# WHAT YOU ARE ASKED TO DO
I would like each line of the data that holds the word "polyline" copied out.

Start of Block

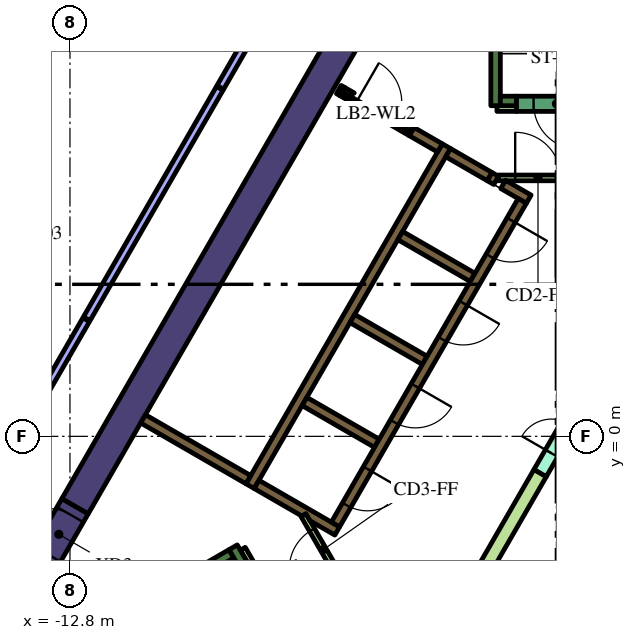
"""IFC4 building model, lengths in metres.
Left out: names, types, materials, properties, quantities, classifications, styles, units other than length and angle.
Written with IfcOpenShell. Run it as: python <this file> out.ifc"""

import sys

from ifc_helpers import new_model, si_unit, direction, frame, frame_2d, origin, place, context, subcontext, project, spatial, polyline, rectangle, outline, extrude, element, fill, save


model = new_model("IFC4")
c1 = context("Model", 3, precision=1e-05, world=origin(), true_north=direction((0.0, 1.0)))
c2 = subcontext(c1, "Body", "Model", "MODEL_VIEW")
j1 = project(units=[si_unit("LENGTHUNIT", "METRE"), si_unit("PLANEANGLEUNIT", "RADIAN")], contexts=[c1])
p1 = place(None, origin())
s1 = spatial("IfcSite", under=j1, at=p1, CompositionType="ELEMENT")
p2 = place(p1, origin())
s2 = spatial("IfcBuilding", under=s1, at=p2, CompositionType="ELEMENT")
p3 = place(p2, frame((0.0, 0.0, 183.6)))
s3 = spatial("IfcBuildingStorey", under=s2, at=p3, CompositionType="ELEMENT", Elevation=183.6)
p4 = place(p3, frame((-13.518, -3.314, 0.0), z_axis=(0.0, 0.0, 1.0), x_axis=(-0.499969377405, -0.866043083026, 0.0)))
e1 = element("IfcWall", 1, at=p4, inside=s3, PredefinedType="SOLIDWALL", context=c2, shape_type="SweptSolid", body=[
    extrude(rectangle(XDim=2.824, YDim=0.8, at=frame_2d((1.412, 0.0))), origin(), (0.0, 0.0, 1.0), 4.2),
])
p5 = place(p3, frame((-12.668, -1.842, 0.0), z_axis=(0.0, 0.0, 1.0), x_axis=(0.500003640647, 0.866023301845, 0.0)))
e2 = element("IfcWall", 2, at=p5, inside=s3, PredefinedType="SOLIDWALL", context=c2, shape_type="SweptSolid", body=[
    extrude(rectangle(XDim=15.858, YDim=0.8, at=frame_2d((7.929, 0.0))), origin(), (0.0, 0.0, 1.0), 4.2),
])
p6 = place(p3, frame((-1.6, 8.7, 0.0), z_axis=(0.0, 0.0, 1.0), x_axis=(0.0, 1.0, 0.0)))
e3 = element("IfcWall", 3, at=p6, inside=s3, PredefinedType="SOLIDWALL", context=c2, shape_type="SweptSolid", body=[
    extrude(rectangle(XDim=7.05, YDim=0.25, at=frame_2d((3.525, 0.0))), origin(), (0.0, 0.0, 1.0), 4.2),
])
p7 = place(p3, frame((-1.475, 8.825, 0.0), z_axis=(0.0, 0.0, 1.0), x_axis=(1.0, 0.0, 0.0)))
e4 = element("IfcWall", 4, at=p7, inside=s3, PredefinedType="SOLIDWALL", context=c2, shape_type="SweptSolid", body=[
    extrude(rectangle(XDim=0.425, YDim=0.25, at=frame_2d((0.212, 0.0))), origin(), (0.0, 0.0, 1.0), 4.2),
])
p8 = place(p3, frame((-14.44, -6.49, 0.0), z_axis=(0.0, 0.0, 1.0), x_axis=(0.866022966069, 0.500004222222, 0.0)))
e5 = element("IfcWall", 5, at=p8, inside=s3, PredefinedType="SOLIDWALL", context=c2, shape_type="SweptSolid", body=[
    extrude(rectangle(XDim=6.8, YDim=0.25, at=frame_2d((3.4, 0.0))), origin(), (0.0, 0.0, 1.0), 4.2),
])
p9 = place(p3, frame((-8.168, -3.503, 0.0), z_axis=(0.0, 0.0, 1.0), x_axis=(-0.499952099219, 0.866053057547, 0.0)))
e6 = element("IfcWall", 6, at=p9, inside=s3, PredefinedType="SOLIDWALL", context=c2, shape_type="SweptSolid", body=[
    extrude(rectangle(XDim=0.675, YDim=0.25, at=frame_2d((0.337, 0.0))), origin(), (0.0, 0.0, 1.0), 4.2),
])
p10 = place(p3, frame((-8.06, -1.311, 0.0), z_axis=(0.0, 0.0, 1.0), x_axis=(0.50000273126, 0.866023826885, 0.0)))
e7 = element("IfcWall", 7, at=p10, inside=s3, PredefinedType="SOLIDWALL", context=c2, shape_type="SweptSolid", body=[
    extrude(rectangle(XDim=10.33, YDim=0.25, at=frame_2d((5.165, 0.0))), origin(), (0.0, 0.0, 1.0), 4.2),
])
p11 = place(p3, frame((-1.758, 6.835, 0.0), z_axis=(0.0, 0.0, 1.0), x_axis=(0.865982457891, -0.500074377092, 0.0)))
e8 = element("IfcWall", 8, at=p11, inside=s3, PredefinedType="SOLIDWALL", context=c2, shape_type="SweptSolid", body=[
    extrude(rectangle(XDim=0.2, YDim=0.25, at=frame_2d((0.1, 0.0))), origin(), (0.0, 0.0, 1.0), 4.2),
])
p12 = place(p3, frame((-1.76, 6.836, 0.0), z_axis=(0.0, 0.0, 1.0), x_axis=(-0.865952863304, 0.500125622755, 0.0)))
e9 = element("IfcWall", 9, at=p12, inside=s3, PredefinedType="SOLIDWALL", context=c2, shape_type="SweptSolid", body=[
    extrude(rectangle(XDim=1.258, YDim=0.25, at=frame_2d((0.629, 0.0))), origin(), (0.0, 0.0, 1.0), 4.2),
])
p13 = place(p3, frame((-0.728, 6.24, 0.0), z_axis=(0.0, 0.0, 1.0), x_axis=(-0.865955664968, 0.500120771724, 0.0)))
e10 = element("IfcWall", 10, at=p13, inside=s3, PredefinedType="SOLIDWALL", context=c2, shape_type="SweptSolid", body=[
    extrude(rectangle(XDim=0.778, YDim=0.25, at=frame_2d((0.389, 0.0))), origin(), (0.0, 0.0, 1.0), 4.2),
])
for number, where, z_axis, x_axis in (
    (11, (-2.204, 4.182, 0.0), (0.0, 0.0, 1.0), (-0.866, 0.5, 0.0)),
    (12, (-5.369, 3.1, 0.0), (0.0, 0.0, 1.0), (0.866, -0.5, 0.0)),
    (13, (-4.724, -0.182, 0.0), (0.0, 0.0, 1.0), (-0.866, 0.5, 0.0)),
):
    element("IfcWall", number, at=place(p3, frame(where, z_axis=z_axis, x_axis=x_axis)), inside=s3, PredefinedType="SOLIDWALL", context=c2, shape_type="SweptSolid", body=[
        extrude(rectangle(XDim=2.2, YDim=0.25, at=frame_2d((1.1, 0.0))), origin(), (0.0, 0.0, 1.0), 4.2),
    ])
p14 = place(p3, origin())
e14 = element("IfcWall", 14, at=p14, inside=s3, PredefinedType="SOLIDWALL", context=c2, shape_type="SweptSolid", body=[
    extrude(outline(polyline([(-5.922, -2.257), (-5.922, -2.257), (-5.705, -2.382), (-5.83, -2.598), (-6.483, -2.221), (-6.591, -2.033), (-6.591, -2.033), (-6.7, -2.096), (-7.952, -1.373), (-7.827, -1.156), (-5.922, -2.257)])), origin(), (0.0, 0.0, 1.0), 4.2),
])
p15 = place(p3, frame((-8.106, -1.14, 0.0), z_axis=(0.0, 0.0, 1.0), x_axis=(-0.866008981251, 0.500028443584, 0.0)))
e15 = element("IfcWall", 15, at=p15, inside=s3, PredefinedType="SOLIDWALL", context=c2, shape_type="SweptSolid", body=[
    extrude(rectangle(XDim=3.2, YDim=0.25, at=frame_2d((1.6, 0.0))), origin(), (0.0, 0.0, 1.0), 4.2),
])
p16 = place(p3, frame((-5.725, 9.125, 0.0), z_axis=(0.0, 0.0, 1.0), x_axis=(0.866185586049, -0.49972245349, 0.0)))
e16 = element("IfcWall", 16, at=p16, inside=s3, PredefinedType="SOLIDWALL", context=c2, shape_type="SweptSolid", body=[
    extrude(rectangle(XDim=0.11, YDim=0.25, at=frame_2d((0.055, 0.0))), origin(), (0.0, 0.0, 1.0), 4.2),
])
p17 = place(p3, frame((-3.066, 7.59, 0.0), z_axis=(0.0, 0.0, 1.0), x_axis=(-0.866081358704, 0.49990307071, 0.0)))
e17 = element("IfcWall", 17, at=p17, inside=s3, PredefinedType="SOLIDWALL", context=c2, shape_type="SweptSolid", body=[
    extrude(rectangle(XDim=0.858, YDim=0.25, at=frame_2d((0.429, 0.0))), origin(), (0.0, 0.0, 1.0), 4.2),
])
e18 = element("IfcWall", 18, at=p14, inside=s3, PredefinedType="SOLIDWALL", context=c2, shape_type="SweptSolid", body=[
    extrude(outline(polyline([(-3.748, 8.128), (-3.813, 8.015), (-4.027, 8.139), (-4.017, 8.156), (-4.008, 8.173), (-4.0, 8.192), (-3.995, 8.21), (-3.991, 8.23), (-3.99, 8.25), (-3.99, 8.268), (-3.748, 8.128)])), origin(), (0.0, 0.0, 1.0), 4.2),
])
e19 = element("IfcWall", 19, at=p14, inside=s3, PredefinedType="SOLIDWALL", context=c2, shape_type="SweptSolid", body=[
    extrude(outline(polyline([(-5.689, 8.96), (-5.69, 8.961), (-5.565, 9.177), (-5.319, 9.035), (-5.335, 9.026), (-5.351, 9.015), (-5.366, 9.002), (-5.379, 8.988), (-5.392, 8.972), (-5.402, 8.956), (-5.412, 8.939), (-5.629, 9.064), (-5.629, 9.064), (-5.689, 8.96)])), origin(), (0.0, 0.0, 1.0), 4.2),
])
for number, where, z_axis, x_axis in (
    (20, (-8.252, -2.958, 0.0), (0.0, 0.0, 1.0), (0.5, -0.866, 0.0)),
    (21, (-1.564, 8.625, 0.0), (0.0, 0.0, 1.0), (1.0, 0.0, 0.0)),
):
    element("IfcWall", number, at=place(p3, frame(where, z_axis=z_axis, x_axis=x_axis)), inside=s3, PredefinedType="PARTITIONING", context=c2, shape_type="SweptSolid", body=[
        extrude(rectangle(XDim=0.514, YDim=0.15, at=frame_2d((0.257, 0.0))), origin(), (0.0, 0.0, 1.0), 3.15),
    ])
e22 = element("IfcWall", 22, at=p14, inside=s3, PredefinedType="PARTITIONING", context=c2, shape_type="SweptSolid", body=[
    extrude(outline(polyline([(-0.59, -0.872), (-0.265, -1.059), (-1.822, -3.756), (-2.147, -3.568), (-0.59, -0.872)])), origin(), (0.0, 0.0, 1.0), 3.15),
])
p18 = place(p3, frame((-0.898, 6.194, 0.0), z_axis=(0.0, 0.0, 1.0), x_axis=(-0.499996202215, -0.866027596426, 0.0)))
e23 = element("IfcWall", 23, at=p18, inside=s3, PredefinedType="SOLIDWALL", context=c2, shape_type="SweptSolid", body=[
    extrude(rectangle(XDim=9.83, YDim=0.25, at=frame_2d((4.915, 0.0))), origin(), (0.0, 0.0, 1.0), 4.2),
])
p19 = place(p18, frame((0.585, 0.0, 0.0)))
e24 = element("IfcOpeningElement", 24, at=p19, cuts=e23, PredefinedType="OPENING", context=c2, shape_type="SweptSolid", body=[
    extrude(rectangle(XDim=1.1, YDim=2.1, at=frame_2d((0.55, 1.05))), frame((0.0, 0.135, 0.0), z_axis=(0.0, -1.0, 0.0), x_axis=(1.0, 0.0, 0.0)), (0.0, 0.0, 1.0), 0.27),
])
p20 = place(p18, frame((3.105, 0.0, 0.0)))
e25 = element("IfcOpeningElement", 25, at=p20, cuts=e23, PredefinedType="OPENING", context=c2, shape_type="SweptSolid", body=[
    extrude(rectangle(XDim=1.1, YDim=2.1, at=frame_2d((0.55, 1.05))), frame((0.0, 0.135, 0.0), z_axis=(0.0, -1.0, 0.0), x_axis=(1.0, 0.0, 0.0)), (0.0, 0.0, 1.0), 0.27),
])
p21 = place(p18, frame((5.625, 0.0, 0.0)))
e26 = element("IfcOpeningElement", 26, at=p21, cuts=e23, PredefinedType="OPENING", context=c2, shape_type="SweptSolid", body=[
    extrude(rectangle(XDim=1.1, YDim=2.1, at=frame_2d((0.55, 1.05))), frame((0.0, 0.135, 0.0), z_axis=(0.0, -1.0, 0.0), x_axis=(1.0, 0.0, 0.0)), (0.0, 0.0, 1.0), 0.27),
])
p22 = place(p18, frame((8.145, 0.0, 0.0)))
e27 = element("IfcOpeningElement", 27, at=p22, cuts=e23, PredefinedType="OPENING", context=c2, shape_type="SweptSolid", body=[
    extrude(rectangle(XDim=1.1, YDim=2.1, at=frame_2d((0.55, 1.05))), frame((0.0, 0.135, 0.0), z_axis=(0.0, -1.0, 0.0), x_axis=(1.0, 0.0, 0.0)), (0.0, 0.0, 1.0), 0.27),
])
p23 = place(p3, frame((1.05, 8.75, 0.0), z_axis=(0.0, 0.0, 1.0), x_axis=(-1.0, 0.0, 0.0)))
e28 = element("IfcWall", 28, at=p23, inside=s3, PredefinedType="SOLIDWALL", context=c2, shape_type="SweptSolid", body=[
    extrude(rectangle(XDim=2.1, YDim=0.4, at=frame_2d((1.05, 0.0))), origin(), (0.0, 0.0, 1.0), 4.2),
])
p24 = place(p23, frame((0.45, 0.0, 0.0)))
e29 = element("IfcOpeningElement", 29, at=p24, cuts=e28, PredefinedType="OPENING", context=c2, shape_type="SweptSolid", body=[
    extrude(rectangle(XDim=1.2, YDim=2.1, at=frame_2d((0.6, 1.05))), frame((0.0, 0.21, 0.0), z_axis=(0.0, -1.0, 0.0), x_axis=(1.0, 0.0, 0.0)), (0.0, 0.0, 1.0), 0.42),
])
p25 = place(p3, frame((-0.427, -0.966, 0.0), z_axis=(0.0, 0.0, 1.0), x_axis=(0.49994051562, 0.866059744384, 0.0)))
e30 = element("IfcWall", 30, at=p25, inside=s3, PredefinedType="PARTITIONING", context=c2, shape_type="SweptSolid", body=[
    extrude(rectangle(XDim=2.1, YDim=0.375, at=frame_2d((1.05, 0.0))), origin(), (0.0, 0.0, 1.0), 3.15),
])
p26 = place(p25, frame((0.6, 0.0, 0.0)))
e31 = element("IfcOpeningElement", 31, at=p26, cuts=e30, PredefinedType="OPENING", context=c2, shape_type="SweptSolid", body=[
    extrude(rectangle(XDim=0.9, YDim=2.1, at=frame_2d((0.45, 1.05))), frame((0.0, 0.198, 0.0), z_axis=(0.0, -1.0, 0.0), x_axis=(1.0, 0.0, 0.0)), (0.0, 0.0, 1.0), 0.395),
])
p27 = place(p3, frame((-1.534, 6.8, 0.0), z_axis=(0.0, 0.0, 1.0), x_axis=(1.0, 0.0, 0.0)))
e32 = element("IfcWall", 32, at=p27, inside=s3, PredefinedType="PARTITIONING", context=c2, shape_type="SweptSolid", body=[
    extrude(rectangle(XDim=2.1, YDim=0.15, at=frame_2d((1.05, 0.0))), origin(), (0.0, 0.0, 1.0), 3.15),
])
p28 = place(p27, frame((0.45, 0.0, 0.0)))
e33 = element("IfcOpeningElement", 33, at=p28, cuts=e32, PredefinedType="OPENING", context=c2, shape_type="SweptSolid", body=[
    extrude(rectangle(XDim=1.2, YDim=2.1, at=frame_2d((0.6, 1.05))), frame((0.0, 0.085, 0.0), z_axis=(0.0, -1.0, 0.0), x_axis=(1.0, 0.0, 0.0)), (0.0, 0.0, 1.0), 0.17),
])
p29 = place(p3, frame((-5.606, -3.89, 0.0), z_axis=(0.0, 0.0, 1.0), x_axis=(-0.500027713859, 0.866009402589, 0.0)))
e34 = element("IfcWall", 34, at=p29, inside=s3, PredefinedType="PARTITIONING", context=c2, shape_type="SweptSolid", body=[
    extrude(rectangle(XDim=2.1, YDim=0.15, at=frame_2d((1.05, 0.0))), origin(), (0.0, 0.0, 1.0), 3.15),
])
p30 = place(p29, frame((0.45, 0.0, 0.0)))
e35 = element("IfcOpeningElement", 35, at=p30, cuts=e34, PredefinedType="OPENING", context=c2, shape_type="SweptSolid", body=[
    extrude(rectangle(XDim=1.2, YDim=2.1, at=frame_2d((0.6, 1.05))), frame((0.0, 0.085, 0.0), z_axis=(0.0, -1.0, 0.0), x_axis=(1.0, 0.0, 0.0)), (0.0, 0.0, 1.0), 0.17),
])
p31 = place(p3, frame((-5.659, 9.012, 0.0), z_axis=(0.0, 0.0, 1.0), x_axis=(0.866009402589, -0.500027713859, 0.0)))
e36 = element("IfcWall", 36, at=p31, inside=s3, PredefinedType="PARTITIONING", context=c2, shape_type="SweptSolid", body=[
    extrude(rectangle(XDim=2.1, YDim=0.12, at=frame_2d((1.05, 0.0))), origin(), (0.0, 0.0, 1.0), 3.15),
])
p32 = place(p31, frame((0.45, 0.0, 0.0)))
e37 = element("IfcOpeningElement", 37, at=p32, cuts=e36, PredefinedType="OPENING", context=c2, shape_type="SweptSolid", body=[
    extrude(rectangle(XDim=1.2, YDim=2.1, at=frame_2d((0.6, 1.05))), frame((0.0, 0.07, 0.0), z_axis=(0.0, -1.0, 0.0), x_axis=(1.0, 0.0, 0.0)), (0.0, 0.0, 1.0), 0.14),
])
p33 = place(p3, frame((-13.518, -3.314, 0.0), z_axis=(0.0, 0.0, 1.0), x_axis=(0.500000056704, 0.866025371046, 0.0)))
e38 = element("IfcWall", 38, at=p33, inside=s3, PredefinedType="SOLIDWALL", context=c2, shape_type="SweptSolid", body=[
    extrude(rectangle(XDim=1.7, YDim=0.8, at=frame_2d((0.85, 0.0))), origin(), (0.0, 0.0, 1.0), 4.2),
])
p34 = place(p33, frame((0.25, 0.0, 0.0)))
e39 = element("IfcOpeningElement", 39, at=p34, cuts=e38, PredefinedType="OPENING", context=c2, shape_type="SweptSolid", body=[
    extrude(rectangle(XDim=1.2, YDim=2.1, at=frame_2d((0.6, 1.05))), frame((0.0, 0.41, 0.0), z_axis=(0.0, -1.0, 0.0), x_axis=(1.0, 0.0, 0.0)), (0.0, 0.0, 1.0), 0.82),
])
p35 = place(p3, frame((-8.859, 9.156, 0.0), z_axis=(0.0, 0.0, 1.0), x_axis=(-0.500010275428, -0.866019471182, 0.0)))
e40 = element("IfcWall", 40, at=p35, inside=s3, PredefinedType="PARTITIONING", context=c2, shape_type="SweptSolid", body=[
    extrude(rectangle(XDim=7.0, YDim=0.2, at=frame_2d((3.5, 0.0))), origin(), (0.0, 0.0, 1.0), 3.15),
])
p36 = place(p3, frame((-12.374, 3.068, 0.0), z_axis=(0.0, 0.0, 1.0), x_axis=(-0.50000000053, -0.866025403479, 0.0)))
e41 = element("IfcWall", 41, at=p36, inside=s3, PredefinedType="PARTITIONING", context=c2, shape_type="SweptSolid", body=[
    extrude(rectangle(XDim=9.188, YDim=0.2, at=frame_2d((4.594, 0.0))), origin(), (0.0, 0.0, 1.0), 3.15),
])
p37 = place(p36, frame((4.1, 0.0, 0.0)))
e42 = element("IfcOpeningElement", 42, at=p37, cuts=e41, PredefinedType="OPENING", context=c2, shape_type="SweptSolid", body=[
    extrude(rectangle(XDim=1.0, YDim=2.1, at=frame_2d((0.5, 1.05))), frame((0.0, 0.11, 0.0), z_axis=(0.0, -1.0, 0.0), x_axis=(1.0, 0.0, 0.0)), (0.0, 0.0, 1.0), 0.22),
])
p38 = place(p3, frame((-7.453, 11.591, 0.0), z_axis=(0.0, 0.0, 1.0), x_axis=(-0.499980749935, -0.866036517529, 0.0)))
e43 = element("IfcWall", 43, at=p38, inside=s3, PredefinedType="PARTITIONING", context=c2, shape_type="SweptSolid", body=[
    extrude(rectangle(XDim=2.782, YDim=0.2, at=frame_2d((1.391, 0.0))), origin(), (0.0, 0.0, 1.0), 3.15),
])
p39 = place(p19, origin())
e44 = element("IfcDoor", 44, at=p39, inside=s3, OperationType="DOUBLE_DOOR_SLIDING", PredefinedType="DOOR", context=c2, shape_type="SweptSolid", body=[
    extrude(rectangle(XDim=1.1, YDim=2.1, at=frame_2d((0.55, 1.05))), frame((0.0, 0.025, 0.0), z_axis=(0.0, -1.0, 0.0), x_axis=(1.0, 0.0, 0.0)), (0.0, 0.0, 1.0), 0.05),
])
fill(e24, e44)
p40 = place(p20, origin())
e45 = element("IfcDoor", 45, at=p40, inside=s3, OperationType="DOUBLE_DOOR_SLIDING", PredefinedType="DOOR", context=c2, shape_type="SweptSolid", body=[
    extrude(rectangle(XDim=1.1, YDim=2.1, at=frame_2d((0.55, 1.05))), frame((0.0, 0.025, 0.0), z_axis=(0.0, -1.0, 0.0), x_axis=(1.0, 0.0, 0.0)), (0.0, 0.0, 1.0), 0.05),
])
fill(e25, e45)
p41 = place(p21, origin())
e46 = element("IfcDoor", 46, at=p41, inside=s3, OperationType="DOUBLE_DOOR_SLIDING", PredefinedType="DOOR", context=c2, shape_type="SweptSolid", body=[
    extrude(rectangle(XDim=1.1, YDim=2.1, at=frame_2d((0.55, 1.05))), frame((0.0, 0.025, 0.0), z_axis=(0.0, -1.0, 0.0), x_axis=(1.0, 0.0, 0.0)), (0.0, 0.0, 1.0), 0.05),
])
fill(e26, e46)
p42 = place(p22, origin())
e47 = element("IfcDoor", 47, at=p42, inside=s3, OperationType="DOUBLE_DOOR_SLIDING", PredefinedType="DOOR", context=c2, shape_type="SweptSolid", body=[
    extrude(rectangle(XDim=1.1, YDim=2.1, at=frame_2d((0.55, 1.05))), frame((0.0, 0.025, 0.0), z_axis=(0.0, -1.0, 0.0), x_axis=(1.0, 0.0, 0.0)), (0.0, 0.0, 1.0), 0.05),
])
fill(e27, e47)
p43 = place(p24, origin())
e48 = element("IfcDoor", 48, at=p43, inside=s3, OperationType="SINGLE_SWING_LEFT", PredefinedType="DOOR", context=c2, shape_type="SweptSolid", body=[
    extrude(rectangle(XDim=1.2, YDim=2.1, at=frame_2d((0.6, 1.05))), frame((0.0, 0.025, 0.0), z_axis=(0.0, -1.0, 0.0), x_axis=(1.0, 0.0, 0.0)), (0.0, 0.0, 1.0), 0.05),
])
fill(e29, e48)
p44 = place(p26, origin())
e49 = element("IfcDoor", 49, at=p44, inside=s3, OperationType="SINGLE_SWING_LEFT", PredefinedType="DOOR", context=c2, shape_type="SweptSolid", body=[
    extrude(rectangle(XDim=0.9, YDim=2.1, at=frame_2d((0.45, 1.05))), frame((0.0, 0.025, 0.0), z_axis=(0.0, -1.0, 0.0), x_axis=(1.0, 0.0, 0.0)), (0.0, 0.0, 1.0), 0.05),
])
fill(e31, e49)
p45 = place(p28, origin())
e50 = element("IfcDoor", 50, at=p45, inside=s3, OperationType="SINGLE_SWING_LEFT", PredefinedType="DOOR", context=c2, shape_type="SweptSolid", body=[
    extrude(rectangle(XDim=1.2, YDim=2.1, at=frame_2d((0.6, 1.05))), frame((0.0, 0.025, 0.0), z_axis=(0.0, -1.0, 0.0), x_axis=(1.0, 0.0, 0.0)), (0.0, 0.0, 1.0), 0.05),
])
fill(e33, e50)
p46 = place(p30, origin())
e51 = element("IfcDoor", 51, at=p46, inside=s3, OperationType="SINGLE_SWING_LEFT", PredefinedType="DOOR", context=c2, shape_type="SweptSolid", body=[
    extrude(rectangle(XDim=1.2, YDim=2.1, at=frame_2d((0.6, 1.05))), frame((0.0, 0.025, 0.0), z_axis=(0.0, -1.0, 0.0), x_axis=(1.0, 0.0, 0.0)), (0.0, 0.0, 1.0), 0.05),
])
fill(e35, e51)
p47 = place(p32, origin())
e52 = element("IfcDoor", 52, at=p47, inside=s3, OperationType="SINGLE_SWING_LEFT", PredefinedType="DOOR", context=c2, shape_type="SweptSolid", body=[
    extrude(rectangle(XDim=1.2, YDim=2.1, at=frame_2d((0.6, 1.05))), frame((0.0, 0.025, 0.0), z_axis=(0.0, -1.0, 0.0), x_axis=(1.0, 0.0, 0.0)), (0.0, 0.0, 1.0), 0.05),
])
fill(e37, e52)
p48 = place(p34, origin())
e53 = element("IfcDoor", 53, at=p48, inside=s3, OperationType="SINGLE_SWING_LEFT", PredefinedType="DOOR", context=c2, shape_type="SweptSolid", body=[
    extrude(rectangle(XDim=1.2, YDim=2.1, at=frame_2d((0.6, 1.05))), frame((0.0, 0.025, 0.0), z_axis=(0.0, -1.0, 0.0), x_axis=(1.0, 0.0, 0.0)), (0.0, 0.0, 1.0), 0.05),
])
fill(e39, e53)
save(model, sys.argv[1])

End of Block

# PROBLEM SOLUTION
from ifc_helpers import new_model, si_unit, direction, frame, frame_2d, origin, place, context, subcontext, project, spatial, polyline, rectangle, outline, extrude, element, fill, save
    extrude(outline(polyline([(-5.922, -2.257), (-5.922, -2.257), (-5.705, -2.382), (-5.83, -2.598), (-6.483, -2.221), (-6.591, -2.033), (-6.591, -2.033), (-6.7, -2.096), (-7.952, -1.373), (-7.827, -1.156), (-5.922, -2.257)])), origin(), (0.0, 0.0, 1.0), 4.2),
    extrude(outline(polyline([(-3.748, 8.128), (-3.813, 8.015), (-4.027, 8.139), (-4.017, 8.156), (-4.008, 8.173), (-4.0, 8.192), (-3.995, 8.21), (-3.991, 8.23), (-3.99, 8.25), (-3.99, 8.268), (-3.748, 8.128)])), origin(), (0.0, 0.0, 1.0), 4.2),
    extrude(outline(polyline([(-5.689, 8.96), (-5.69, 8.961), (-5.565, 9.177), (-5.319, 9.035), (-5.335, 9.026), (-5.351, 9.015), (-5.366, 9.002), (-5.379, 8.988), (-5.392, 8.972), (-5.402, 8.956), (-5.412, 8.939), (-5.629, 9.064), (-5.629, 9.064), (-5.689, 8.96)])), origin(), (0.0, 0.0, 1.0), 4.2),
    extrude(outline(polyline([(-0.59, -0.872), (-0.265, -1.059), (-1.822, -3.756), (-2.147, -3.568), (-0.59, -0.872)])), origin(), (0.0, 0.0, 1.0), 3.15),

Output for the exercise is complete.